### Task instructions
Report how many lines in the records hold the string "units"; give the number and nothing else.
####################
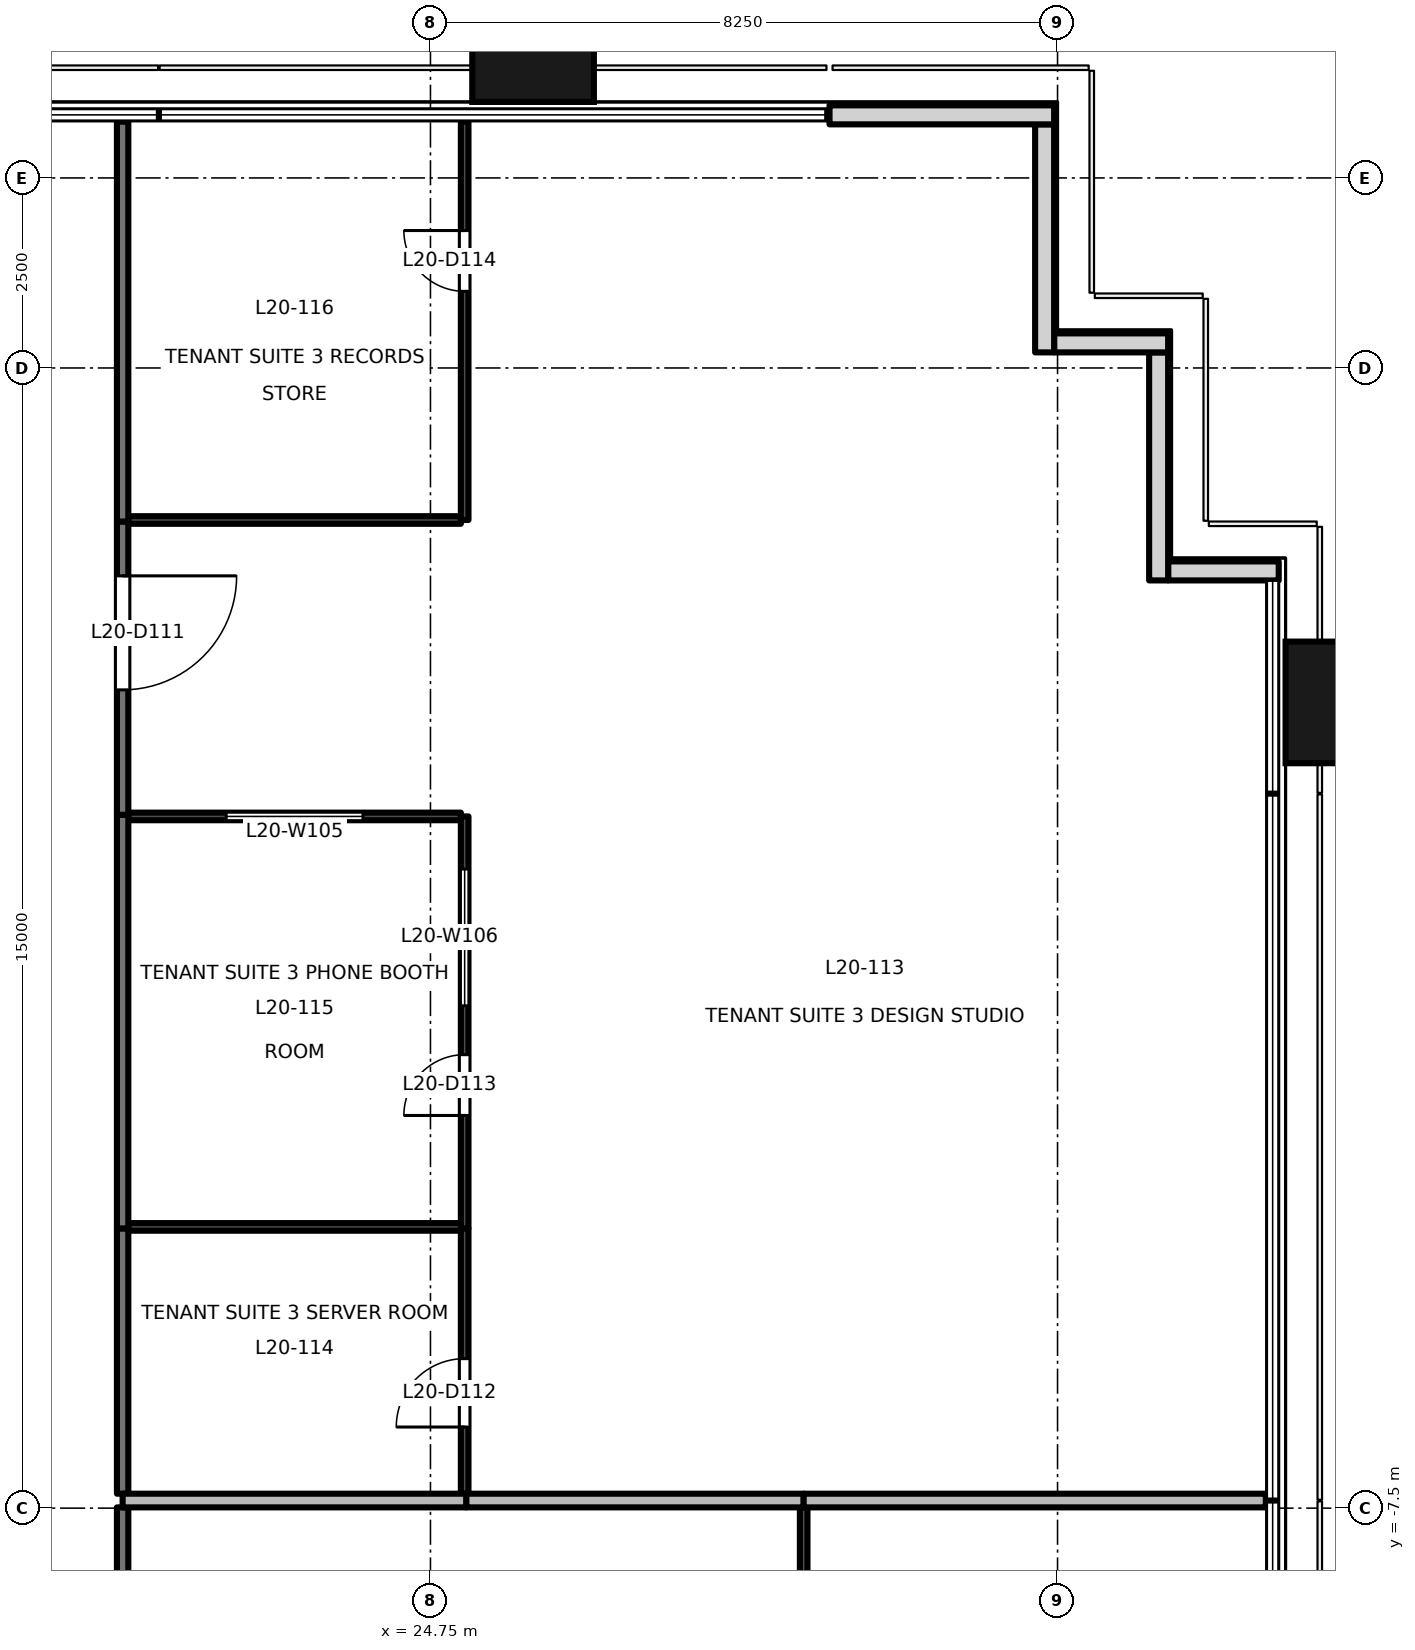
"""IFC4 building model, lengths in metres.
Left out: names, types, materials, properties, quantities, classifications, styles, units other than length and angle.
Written with IfcOpenShell. Run it as: python <this file> out.ifc"""

import sys

from ifc_helpers import new_model, si_unit, direction, frame, frame_2d, origin, origin_2d, place, context, subcontext, project, spatial, rectangle, extrude, element, fill, save


model = new_model("IFC4")
c1 = context("Model", 3, precision=1e-05, world=origin(), true_north=direction((0.0, 1.0)))
c2 = subcontext(c1, "Body", "Model", "MODEL_VIEW")
j1 = project(units=[si_unit("LENGTHUNIT", "METRE"), si_unit("PLANEANGLEUNIT", "RADIAN")], contexts=[c1])
p1 = place(None, origin())
s1 = spatial("IfcSite", under=j1, at=p1, CompositionType="ELEMENT")
p2 = place(p1, origin())
s2 = spatial("IfcBuilding", under=s1, at=p2, CompositionType="ELEMENT")
p3 = place(p2, frame((0.0, 0.0, 91.7)))
s3 = spatial("IfcBuildingStorey", under=s2, at=p3, CompositionType="ELEMENT", Elevation=91.7)
for number, where, z_axis, x_axis in (
    (1, (36.9, 3.1, -0.2), (0.0, 0.0, 1.0), (0.0, 1.0, 0.0)),
    (2, (26.1, 11.9, -0.2), (0.0, 0.0, 1.0), (1.0, 0.0, 0.0)),
):
    element("IfcColumn", number, at=place(p3, frame(where, z_axis=z_axis, x_axis=x_axis)), inside=s3, PredefinedType="COLUMN", context=c2, shape_type="SweptSolid", body=[
        extrude(rectangle(XDim=1.6, YDim=1.8, at=origin_2d()), origin(), (0.0, 0.0, 1.0), 4.0),
    ])
p4 = place(p3, frame((35.91, 4.83, 0.0), z_axis=(0.0, 0.0, 1.0), x_axis=(-1.0, 0.0, 0.0)))
e3 = element("IfcWall", 3, at=p4, inside=s3, PredefinedType="SOLIDWALL", context=c2, shape_type="SweptSolid", body=[
    extrude(rectangle(XDim=1.455, YDim=0.25, at=frame_2d((0.728, 0.0))), origin(), (0.0, 0.0, 1.0), 3.8),
])
p5 = place(p3, frame((34.33, 4.705, 0.0), z_axis=(0.0, 0.0, 1.0), x_axis=(0.0, 1.0, 0.0)))
e4 = element("IfcWall", 4, at=p5, inside=s3, PredefinedType="SOLIDWALL", context=c2, shape_type="SweptSolid", body=[
    extrude(rectangle(XDim=3.0, YDim=0.25, at=frame_2d((1.5, 0.0))), origin(), (0.0, 0.0, 1.0), 3.8),
])
p6 = place(p3, frame((34.455, 7.83, 0.0), z_axis=(0.0, 0.0, 1.0), x_axis=(-1.0, 0.0, 0.0)))
e5 = element("IfcWall", 5, at=p6, inside=s3, PredefinedType="SOLIDWALL", context=c2, shape_type="SweptSolid", body=[
    extrude(rectangle(XDim=1.5, YDim=0.25, at=frame_2d((0.75, 0.0))), origin(), (0.0, 0.0, 1.0), 3.8),
])
p7 = place(p3, frame((32.83, 7.705, 0.0), z_axis=(0.0, 0.0, 1.0), x_axis=(0.0, 1.0, 0.0)))
e6 = element("IfcWall", 6, at=p7, inside=s3, PredefinedType="SOLIDWALL", context=c2, shape_type="SweptSolid", body=[
    extrude(rectangle(XDim=3.0, YDim=0.25, at=frame_2d((1.5, 0.0))), origin(), (0.0, 0.0, 1.0), 3.8),
])
p8 = place(p3, frame((32.955, 10.83, 0.0), z_axis=(0.0, 0.0, 1.0), x_axis=(-1.0, 0.0, 0.0)))
e7 = element("IfcWall", 7, at=p8, inside=s3, PredefinedType="SOLIDWALL", context=c2, shape_type="SweptSolid", body=[
    extrude(rectangle(XDim=2.955, YDim=0.25, at=frame_2d((1.478, 0.0))), origin(), (0.0, 0.0, 1.0), 3.8),
])
p9 = place(p3, frame((20.7, -7.49, 0.0), z_axis=(0.0, 0.0, 1.0), x_axis=(0.0, -1.0, 0.0)))
e8 = element("IfcWall", 8, at=p9, inside=s3, PredefinedType="PARTITIONING", context=c2, shape_type="SweptSolid", body=[
    extrude(rectangle(XDim=3.59, YDim=0.15, at=frame_2d((1.795, 0.0))), origin(), (0.0, 0.0, 1.0), 2.9),
])
p10 = place(p9, frame((0.895, 0.0, 0.0)))
e9 = element("IfcOpeningElement", 9, at=p10, cuts=e8, PredefinedType="OPENING", context=c2, shape_type="SweptSolid", body=[
    extrude(rectangle(XDim=1.8, YDim=2.1, at=frame_2d((0.9, 1.05))), frame((0.0, 0.085, 0.0), z_axis=(0.0, -1.0, 0.0), x_axis=(1.0, 0.0, 0.0)), (0.0, 0.0, 1.0), 0.171),
])
p11 = place(p3, frame((20.7, 5.48, 0.0), z_axis=(0.0, 0.0, 1.0), x_axis=(0.0, -1.0, 0.0)))
e10 = element("IfcWall", 10, at=p11, inside=s3, PredefinedType="PARTITIONING", context=c2, shape_type="SweptSolid", body=[
    extrude(rectangle(XDim=3.86, YDim=0.15, at=frame_2d((1.93, 0.0))), origin(), (0.0, 0.0, 1.0), 2.9),
])
p12 = place(p11, frame((0.715, 0.0, 0.0)))
e11 = element("IfcOpeningElement", 11, at=p12, cuts=e10, PredefinedType="OPENING", context=c2, shape_type="SweptSolid", body=[
    extrude(rectangle(XDim=1.5, YDim=2.1, at=frame_2d((0.75, 1.05))), frame((0.0, 0.085, 0.0), z_axis=(0.0, -1.0, 0.0), x_axis=(1.0, 0.0, 0.0)), (0.0, 0.0, 1.0), 0.171),
])
p13 = place(p3, frame((20.7, -3.82, 0.0), z_axis=(0.0, 0.0, 1.0), x_axis=(0.0, -1.0, 0.0)))
e12 = element("IfcWall", 12, at=p13, inside=s3, PredefinedType="PARTITIONING", context=c2, shape_type="SweptSolid", body=[
    extrude(rectangle(XDim=3.49, YDim=0.15, at=frame_2d((1.745, 0.0))), origin(), (0.0, 0.0, 1.0), 2.9),
])
p14 = place(p3, frame((20.7, 1.62, 0.0), z_axis=(0.0, 0.0, 1.0), x_axis=(0.0, -1.0, 0.0)))
e13 = element("IfcWall", 13, at=p14, inside=s3, PredefinedType="PARTITIONING", context=c2, shape_type="SweptSolid", body=[
    extrude(rectangle(XDim=5.44, YDim=0.15, at=frame_2d((2.72, 0.0))), origin(), (0.0, 0.0, 1.0), 2.9),
])
p15 = place(p3, frame((20.7, 10.74, 0.0), z_axis=(0.0, 0.0, 1.0), x_axis=(0.0, -1.0, 0.0)))
e14 = element("IfcWall", 14, at=p15, inside=s3, PredefinedType="PARTITIONING", context=c2, shape_type="SweptSolid", body=[
    extrude(rectangle(XDim=5.26, YDim=0.15, at=frame_2d((2.63, 0.0))), origin(), (0.0, 0.0, 1.0), 3.8),
])
p16 = place(p3, frame((29.66, -7.49, 0.0), z_axis=(0.0, 0.0, 1.0), x_axis=(0.0, -1.0, 0.0)))
e15 = element("IfcWall", 15, at=p16, inside=s3, PredefinedType="PARTITIONING", context=c2, shape_type="SweptSolid", body=[
    extrude(rectangle(XDim=6.11, YDim=0.1, at=frame_2d((3.055, 0.0))), origin(), (0.0, 0.0, 1.0), 2.9),
])
p17 = place(p16, frame((1.663, 0.0, 0.0)))
e16 = element("IfcOpeningElement", 16, at=p17, cuts=e15, PredefinedType="OPENING", context=c2, shape_type="SweptSolid", body=[
    extrude(rectangle(XDim=0.9, YDim=2.1, at=frame_2d((0.45, 1.05))), frame((0.0, 0.061, 0.0), z_axis=(0.0, -1.0, 0.0), x_axis=(1.0, 0.0, 0.0)), (0.0, 0.0, 1.0), 0.121),
])
p18 = place(p16, frame((3.412, 0.0, 0.9)))
e17 = element("IfcOpeningElement", 17, at=p18, cuts=e15, PredefinedType="OPENING", context=c2, shape_type="SweptSolid", body=[
    extrude(rectangle(XDim=1.8, YDim=1.2, at=frame_2d((0.9, 0.6))), frame((0.0, 0.061, 0.0), z_axis=(0.0, -1.0, 0.0), x_axis=(1.0, 0.0, 0.0)), (0.0, 0.0, 1.0), 0.121),
])
p19 = place(p3, frame((25.22, -7.4, 0.0), z_axis=(0.0, 0.0, 1.0), x_axis=(1.0, 0.0, 0.0)))
e18 = element("IfcWall", 18, at=p19, inside=s3, PredefinedType="PARTITIONING", context=c2, shape_type="SweptSolid", body=[
    extrude(rectangle(XDim=4.44, YDim=0.18, at=frame_2d((2.22, 0.0))), origin(), (0.0, 0.0, 1.0), 3.8),
])
p20 = place(p3, frame((20.7, -7.4, 0.0), z_axis=(0.0, 0.0, 1.0), x_axis=(1.0, 0.0, 0.0)))
e19 = element("IfcWall", 19, at=p20, inside=s3, PredefinedType="PARTITIONING", context=c2, shape_type="SweptSolid", body=[
    extrude(rectangle(XDim=4.52, YDim=0.18, at=frame_2d((2.26, 0.0))), origin(), (0.0, 0.0, 1.0), 3.8),
])
p21 = place(p3, frame((29.66, -7.4, 0.0), z_axis=(0.0, 0.0, 1.0), x_axis=(1.0, 0.0, 0.0)))
e20 = element("IfcWall", 20, at=p21, inside=s3, PredefinedType="PARTITIONING", context=c2, shape_type="SweptSolid", body=[
    extrude(rectangle(XDim=6.08, YDim=0.18, at=frame_2d((3.04, 0.0))), origin(), (0.0, 0.0, 1.0), 3.8),
])
p22 = place(p3, frame((25.2, -7.31, 0.0), z_axis=(0.0, 0.0, 1.0), x_axis=(0.0, 1.0, 0.0)))
e21 = element("IfcWall", 21, at=p22, inside=s3, PredefinedType="PARTITIONING", context=c2, shape_type="SweptSolid", body=[
    extrude(rectangle(XDim=3.49, YDim=0.1, at=frame_2d((1.745, 0.0))), origin(), (0.0, 0.0, 1.0), 2.9),
])
p23 = place(p22, frame((0.877, 0.0, 0.0)))
e22 = element("IfcOpeningElement", 22, at=p23, cuts=e21, PredefinedType="OPENING", context=c2, shape_type="SweptSolid", body=[
    extrude(rectangle(XDim=0.9, YDim=2.1, at=frame_2d((0.45, 1.05))), frame((0.0, 0.061, 0.0), z_axis=(0.0, -1.0, 0.0), x_axis=(1.0, 0.0, 0.0)), (0.0, 0.0, 1.0), 0.121),
])
p24 = place(p3, frame((25.15, 1.6, 0.0), z_axis=(0.0, 0.0, 1.0), x_axis=(-1.0, 0.0, 0.0)))
e23 = element("IfcWall", 23, at=p24, inside=s3, PredefinedType="PARTITIONING", context=c2, shape_type="SweptSolid", body=[
    extrude(rectangle(XDim=4.375, YDim=0.1, at=frame_2d((2.188, 0.0))), origin(), (0.0, 0.0, 1.0), 3.8),
])
p25 = place(p24, frame((1.288, 0.0, 0.9)))
e24 = element("IfcOpeningElement", 24, at=p25, cuts=e23, PredefinedType="OPENING", context=c2, shape_type="SweptSolid", body=[
    extrude(rectangle(XDim=1.8, YDim=1.2, at=frame_2d((0.9, 0.6))), frame((0.0, 0.061, 0.0), z_axis=(0.0, -1.0, 0.0), x_axis=(1.0, 0.0, 0.0)), (0.0, 0.0, 1.0), 0.121),
])
p26 = place(p3, frame((25.2, -3.82, 0.0), z_axis=(0.0, 0.0, 1.0), x_axis=(0.0, 1.0, 0.0)))
e25 = element("IfcWall", 25, at=p26, inside=s3, PredefinedType="PARTITIONING", context=c2, shape_type="SweptSolid", body=[
    extrude(rectangle(XDim=5.42, YDim=0.1, at=frame_2d((2.71, 0.0))), origin(), (0.0, 0.0, 1.0), 2.9),
])
p27 = place(p26, frame((1.486, 0.0, 0.0)))
e26 = element("IfcOpeningElement", 26, at=p27, cuts=e25, PredefinedType="OPENING", context=c2, shape_type="SweptSolid", body=[
    extrude(rectangle(XDim=0.8, YDim=2.1, at=frame_2d((0.4, 1.05))), frame((0.0, 0.061, 0.0), z_axis=(0.0, -1.0, 0.0), x_axis=(1.0, 0.0, 0.0)), (0.0, 0.0, 1.0), 0.121),
])
p28 = place(p26, frame((2.928, 0.0, 0.9)))
e27 = element("IfcOpeningElement", 27, at=p28, cuts=e25, PredefinedType="OPENING", context=c2, shape_type="SweptSolid", body=[
    extrude(rectangle(XDim=1.8, YDim=1.2, at=frame_2d((0.9, 0.6))), frame((0.0, 0.061, 0.0), z_axis=(0.0, -1.0, 0.0), x_axis=(1.0, 0.0, 0.0)), (0.0, 0.0, 1.0), 0.121),
])
p29 = place(p3, frame((20.775, 5.5, 0.0), z_axis=(0.0, 0.0, 1.0), x_axis=(1.0, 0.0, 0.0)))
e28 = element("IfcWall", 28, at=p29, inside=s3, PredefinedType="PARTITIONING", context=c2, shape_type="SweptSolid", body=[
    extrude(rectangle(XDim=4.375, YDim=0.1, at=frame_2d((2.188, 0.0))), origin(), (0.0, 0.0, 1.0), 3.8),
])
p30 = place(p3, frame((25.2, 5.5, 0.0), z_axis=(0.0, 0.0, 1.0), x_axis=(0.0, 1.0, 0.0)))
e29 = element("IfcWall", 29, at=p30, inside=s3, PredefinedType="PARTITIONING", context=c2, shape_type="SweptSolid", body=[
    extrude(rectangle(XDim=5.24, YDim=0.1, at=frame_2d((2.62, 0.0))), origin(), (0.0, 0.0, 1.0), 3.8),
])
p31 = place(p30, frame((3.008, 0.0, 0.0)))
e30 = element("IfcOpeningElement", 30, at=p31, cuts=e29, PredefinedType="OPENING", context=c2, shape_type="SweptSolid", body=[
    extrude(rectangle(XDim=0.8, YDim=2.1, at=frame_2d((0.4, 1.05))), frame((0.0, 0.061, 0.0), z_axis=(0.0, -1.0, 0.0), x_axis=(1.0, 0.0, 0.0)), (0.0, 0.0, 1.0), 0.121),
])
p32 = place(p3, frame((20.775, -3.8, 0.0), z_axis=(0.0, 0.0, 1.0), x_axis=(1.0, 0.0, 0.0)))
e31 = element("IfcWall", 31, at=p32, inside=s3, PredefinedType="PARTITIONING", context=c2, shape_type="SweptSolid", body=[
    extrude(rectangle(XDim=4.375, YDim=0.1, at=frame_2d((2.188, 0.0))), origin(), (0.0, 0.0, 1.0), 3.8),
])
p33 = place(p12, origin())
e32 = element("IfcDoor", 32, at=p33, inside=s3, OperationType="DOUBLE_DOOR_SINGLE_SWING", PredefinedType="DOOR", context=c2, shape_type="SweptSolid", body=[
    extrude(rectangle(XDim=1.5, YDim=2.1, at=frame_2d((0.75, 1.05))), frame((0.0, 0.025, 0.0), z_axis=(0.0, -1.0, 0.0), x_axis=(1.0, 0.0, 0.0)), (0.0, 0.0, 1.0), 0.05),
])
fill(e11, e32)
p34 = place(p23, origin())
e33 = element("IfcDoor", 33, at=p34, inside=s3, OperationType="SINGLE_SWING_LEFT", PredefinedType="DOOR", context=c2, shape_type="SweptSolid", body=[
    extrude(rectangle(XDim=0.9, YDim=2.1, at=frame_2d((0.45, 1.05))), frame((0.0, 0.025, 0.0), z_axis=(0.0, -1.0, 0.0), x_axis=(1.0, 0.0, 0.0)), (0.0, 0.0, 1.0), 0.05),
])
fill(e22, e33)
p35 = place(p27, origin())
e34 = element("IfcDoor", 34, at=p35, inside=s3, OperationType="SINGLE_SWING_LEFT", PredefinedType="DOOR", context=c2, shape_type="SweptSolid", body=[
    extrude(rectangle(XDim=0.8, YDim=2.1, at=frame_2d((0.4, 1.05))), frame((0.0, 0.025, 0.0), z_axis=(0.0, -1.0, 0.0), x_axis=(1.0, 0.0, 0.0)), (0.0, 0.0, 1.0), 0.05),
])
fill(e26, e34)
p36 = place(p31, origin())
e35 = element("IfcDoor", 35, at=p36, inside=s3, OperationType="SINGLE_SWING_RIGHT", PredefinedType="DOOR", context=c2, shape_type="SweptSolid", body=[
    extrude(rectangle(XDim=0.8, YDim=2.1, at=frame_2d((0.4, 1.05))), frame((0.0, 0.025, 0.0), z_axis=(0.0, -1.0, 0.0), x_axis=(1.0, 0.0, 0.0)), (0.0, 0.0, 1.0), 0.05),
])
fill(e30, e35)
p37 = place(p25, origin())
e36 = element("IfcWindow", 36, at=p37, inside=s3, PartitioningType="SINGLE_PANEL", PredefinedType="WINDOW", context=c2, shape_type="SweptSolid", body=[
    extrude(rectangle(XDim=1.8, YDim=1.2, at=frame_2d((0.9, 0.6))), frame((0.0, 0.03, 0.0), z_axis=(0.0, -1.0, 0.0), x_axis=(1.0, 0.0, 0.0)), (0.0, 0.0, 1.0), 0.06),
])
fill(e24, e36)
p38 = place(p28, origin())
e37 = element("IfcWindow", 37, at=p38, inside=s3, PartitioningType="SINGLE_PANEL", PredefinedType="WINDOW", context=c2, shape_type="SweptSolid", body=[
    extrude(rectangle(XDim=1.8, YDim=1.2, at=frame_2d((0.9, 0.6))), frame((0.0, 0.03, 0.0), z_axis=(0.0, -1.0, 0.0), x_axis=(1.0, 0.0, 0.0)), (0.0, 0.0, 1.0), 0.06),
])
fill(e27, e37)
save(model, sys.argv[1])
####################
### Solution
2